[Stored dataset items]

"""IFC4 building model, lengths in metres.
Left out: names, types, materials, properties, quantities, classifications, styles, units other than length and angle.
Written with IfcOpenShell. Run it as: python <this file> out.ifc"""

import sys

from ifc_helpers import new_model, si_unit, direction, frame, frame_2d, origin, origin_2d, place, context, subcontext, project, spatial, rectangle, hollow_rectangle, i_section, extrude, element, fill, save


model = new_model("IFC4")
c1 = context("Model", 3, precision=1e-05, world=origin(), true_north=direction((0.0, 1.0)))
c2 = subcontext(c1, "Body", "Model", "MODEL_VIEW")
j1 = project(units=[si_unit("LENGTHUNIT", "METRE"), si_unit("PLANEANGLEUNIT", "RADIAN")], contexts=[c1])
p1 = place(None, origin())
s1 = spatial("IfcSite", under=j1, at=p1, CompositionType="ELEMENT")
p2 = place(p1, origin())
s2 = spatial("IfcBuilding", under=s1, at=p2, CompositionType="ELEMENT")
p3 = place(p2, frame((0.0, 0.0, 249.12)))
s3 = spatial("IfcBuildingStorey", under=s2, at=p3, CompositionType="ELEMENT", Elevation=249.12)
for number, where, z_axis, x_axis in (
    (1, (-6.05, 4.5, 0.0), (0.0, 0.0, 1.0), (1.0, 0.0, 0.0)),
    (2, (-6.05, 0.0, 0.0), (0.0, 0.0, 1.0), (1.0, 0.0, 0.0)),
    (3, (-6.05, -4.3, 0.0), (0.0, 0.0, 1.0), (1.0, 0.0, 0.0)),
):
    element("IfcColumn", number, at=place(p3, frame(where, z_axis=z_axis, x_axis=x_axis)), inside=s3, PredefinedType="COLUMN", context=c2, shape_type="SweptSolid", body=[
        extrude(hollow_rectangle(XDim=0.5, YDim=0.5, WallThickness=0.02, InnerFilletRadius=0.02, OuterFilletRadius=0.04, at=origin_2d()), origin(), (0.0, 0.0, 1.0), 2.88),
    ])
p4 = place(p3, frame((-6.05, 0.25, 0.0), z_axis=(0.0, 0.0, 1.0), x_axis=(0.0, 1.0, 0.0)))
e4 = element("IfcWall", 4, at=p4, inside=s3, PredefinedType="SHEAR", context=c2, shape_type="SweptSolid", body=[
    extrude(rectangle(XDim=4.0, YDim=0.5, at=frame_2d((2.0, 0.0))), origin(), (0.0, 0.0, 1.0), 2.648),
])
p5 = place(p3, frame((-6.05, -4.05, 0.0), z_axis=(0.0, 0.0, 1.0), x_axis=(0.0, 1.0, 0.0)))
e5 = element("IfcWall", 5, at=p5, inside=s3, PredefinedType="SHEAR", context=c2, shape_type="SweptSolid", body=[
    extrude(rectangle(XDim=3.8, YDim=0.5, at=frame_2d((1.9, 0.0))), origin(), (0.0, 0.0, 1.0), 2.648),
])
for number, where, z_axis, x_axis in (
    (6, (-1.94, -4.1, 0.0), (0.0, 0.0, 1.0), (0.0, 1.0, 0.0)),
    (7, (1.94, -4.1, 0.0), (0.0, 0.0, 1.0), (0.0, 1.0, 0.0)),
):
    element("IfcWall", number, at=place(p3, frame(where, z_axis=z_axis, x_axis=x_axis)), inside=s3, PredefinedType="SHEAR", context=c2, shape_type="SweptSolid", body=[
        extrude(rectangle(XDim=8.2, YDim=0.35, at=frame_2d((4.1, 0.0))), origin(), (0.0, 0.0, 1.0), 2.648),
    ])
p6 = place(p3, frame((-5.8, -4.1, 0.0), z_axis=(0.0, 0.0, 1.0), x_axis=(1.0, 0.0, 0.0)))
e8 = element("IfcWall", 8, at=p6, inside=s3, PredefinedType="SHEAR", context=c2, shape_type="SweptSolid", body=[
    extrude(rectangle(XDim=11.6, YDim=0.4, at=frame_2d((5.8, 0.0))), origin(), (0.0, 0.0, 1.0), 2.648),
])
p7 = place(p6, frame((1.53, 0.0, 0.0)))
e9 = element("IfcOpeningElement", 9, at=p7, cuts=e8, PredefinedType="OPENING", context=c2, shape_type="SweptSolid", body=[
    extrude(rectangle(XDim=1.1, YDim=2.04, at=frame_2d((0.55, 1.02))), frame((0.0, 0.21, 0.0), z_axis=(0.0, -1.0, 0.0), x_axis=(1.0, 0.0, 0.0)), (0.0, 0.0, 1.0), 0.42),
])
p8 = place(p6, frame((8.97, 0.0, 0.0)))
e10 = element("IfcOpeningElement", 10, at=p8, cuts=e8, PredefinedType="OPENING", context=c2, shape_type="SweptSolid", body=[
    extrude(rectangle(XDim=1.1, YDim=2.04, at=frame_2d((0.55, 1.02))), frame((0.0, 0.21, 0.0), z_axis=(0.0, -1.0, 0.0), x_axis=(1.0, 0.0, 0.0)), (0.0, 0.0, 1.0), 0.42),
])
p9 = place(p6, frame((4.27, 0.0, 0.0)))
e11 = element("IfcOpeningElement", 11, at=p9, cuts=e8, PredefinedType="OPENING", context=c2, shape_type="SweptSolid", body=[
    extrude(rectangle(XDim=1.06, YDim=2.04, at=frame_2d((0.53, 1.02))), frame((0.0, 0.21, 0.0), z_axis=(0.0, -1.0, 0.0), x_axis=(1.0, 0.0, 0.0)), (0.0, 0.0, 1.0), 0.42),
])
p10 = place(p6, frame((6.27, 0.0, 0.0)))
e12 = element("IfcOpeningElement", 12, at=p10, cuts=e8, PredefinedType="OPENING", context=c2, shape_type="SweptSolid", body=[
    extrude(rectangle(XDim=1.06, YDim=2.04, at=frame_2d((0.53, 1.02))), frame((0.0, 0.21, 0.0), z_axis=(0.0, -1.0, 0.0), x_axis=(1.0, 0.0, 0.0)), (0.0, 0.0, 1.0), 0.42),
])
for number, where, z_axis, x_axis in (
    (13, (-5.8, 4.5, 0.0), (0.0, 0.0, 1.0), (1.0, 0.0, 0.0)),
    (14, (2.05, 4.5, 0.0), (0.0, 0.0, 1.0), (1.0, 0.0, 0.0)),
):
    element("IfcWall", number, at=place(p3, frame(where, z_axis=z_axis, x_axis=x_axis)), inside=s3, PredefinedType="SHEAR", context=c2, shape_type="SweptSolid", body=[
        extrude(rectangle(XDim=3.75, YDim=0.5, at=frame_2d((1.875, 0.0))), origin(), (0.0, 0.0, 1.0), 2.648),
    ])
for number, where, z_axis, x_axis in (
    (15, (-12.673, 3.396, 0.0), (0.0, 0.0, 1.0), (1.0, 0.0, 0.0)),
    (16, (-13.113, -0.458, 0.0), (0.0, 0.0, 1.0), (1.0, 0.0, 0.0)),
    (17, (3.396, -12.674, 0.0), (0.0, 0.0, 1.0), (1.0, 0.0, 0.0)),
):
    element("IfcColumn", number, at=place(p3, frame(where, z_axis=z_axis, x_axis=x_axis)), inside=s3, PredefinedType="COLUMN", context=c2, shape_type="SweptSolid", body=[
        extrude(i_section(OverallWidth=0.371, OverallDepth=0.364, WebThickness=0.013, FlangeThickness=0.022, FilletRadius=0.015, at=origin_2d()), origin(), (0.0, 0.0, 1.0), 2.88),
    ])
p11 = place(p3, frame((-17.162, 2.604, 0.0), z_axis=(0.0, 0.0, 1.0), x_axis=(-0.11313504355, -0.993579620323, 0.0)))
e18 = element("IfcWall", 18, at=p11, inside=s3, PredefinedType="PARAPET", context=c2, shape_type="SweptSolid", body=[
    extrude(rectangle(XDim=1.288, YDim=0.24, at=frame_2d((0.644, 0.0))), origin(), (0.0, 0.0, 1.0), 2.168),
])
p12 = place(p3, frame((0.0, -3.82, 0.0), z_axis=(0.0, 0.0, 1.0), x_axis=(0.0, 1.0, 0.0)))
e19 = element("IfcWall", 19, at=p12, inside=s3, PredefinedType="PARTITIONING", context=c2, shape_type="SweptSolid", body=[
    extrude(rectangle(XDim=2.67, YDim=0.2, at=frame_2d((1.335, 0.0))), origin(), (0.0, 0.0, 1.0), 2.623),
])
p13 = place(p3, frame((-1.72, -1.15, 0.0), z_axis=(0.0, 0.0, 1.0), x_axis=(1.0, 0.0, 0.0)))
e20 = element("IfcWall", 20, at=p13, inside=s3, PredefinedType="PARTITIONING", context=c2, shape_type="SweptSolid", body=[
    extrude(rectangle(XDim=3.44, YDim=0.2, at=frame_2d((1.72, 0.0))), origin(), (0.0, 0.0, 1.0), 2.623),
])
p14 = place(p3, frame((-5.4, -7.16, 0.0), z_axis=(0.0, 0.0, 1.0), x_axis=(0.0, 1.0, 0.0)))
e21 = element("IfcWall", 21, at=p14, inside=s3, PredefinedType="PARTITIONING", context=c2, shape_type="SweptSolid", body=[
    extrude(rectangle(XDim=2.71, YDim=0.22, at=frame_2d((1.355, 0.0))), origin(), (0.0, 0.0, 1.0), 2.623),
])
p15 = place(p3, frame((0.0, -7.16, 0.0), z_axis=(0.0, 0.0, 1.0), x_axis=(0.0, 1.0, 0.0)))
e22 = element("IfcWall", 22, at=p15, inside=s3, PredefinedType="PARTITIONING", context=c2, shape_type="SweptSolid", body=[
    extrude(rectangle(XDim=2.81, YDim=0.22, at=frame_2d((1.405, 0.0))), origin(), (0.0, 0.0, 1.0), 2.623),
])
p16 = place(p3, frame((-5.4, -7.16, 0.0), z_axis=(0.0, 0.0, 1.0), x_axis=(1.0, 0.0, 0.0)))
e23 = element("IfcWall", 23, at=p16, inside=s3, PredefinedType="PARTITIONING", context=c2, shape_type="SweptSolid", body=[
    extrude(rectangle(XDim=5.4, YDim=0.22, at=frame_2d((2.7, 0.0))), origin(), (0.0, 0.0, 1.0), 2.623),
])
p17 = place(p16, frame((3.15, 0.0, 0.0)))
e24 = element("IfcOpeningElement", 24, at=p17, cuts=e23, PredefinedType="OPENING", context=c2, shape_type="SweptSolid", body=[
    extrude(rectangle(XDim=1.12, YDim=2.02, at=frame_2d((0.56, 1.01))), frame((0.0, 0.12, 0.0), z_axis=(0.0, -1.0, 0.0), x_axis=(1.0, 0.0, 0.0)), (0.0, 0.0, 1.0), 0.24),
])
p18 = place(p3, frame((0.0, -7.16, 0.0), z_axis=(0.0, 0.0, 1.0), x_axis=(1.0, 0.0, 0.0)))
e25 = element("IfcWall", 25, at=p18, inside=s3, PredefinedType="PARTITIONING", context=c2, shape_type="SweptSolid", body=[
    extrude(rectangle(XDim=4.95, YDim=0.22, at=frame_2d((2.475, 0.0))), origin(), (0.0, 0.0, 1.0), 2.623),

• WORK TO BE COMPLETED
Wherever a line contains the string "under", copy that line from the data.

• EXERCISE SOLUTION
s1 = spatial("IfcSite", under=j1, at=p1, CompositionType="ELEMENT")
s2 = spatial("IfcBuilding", under=s1, at=p2, CompositionType="ELEMENT")
s3 = spatial("IfcBuildingStorey", under=s2, at=p3, CompositionType="ELEMENT", Elevation=249.12)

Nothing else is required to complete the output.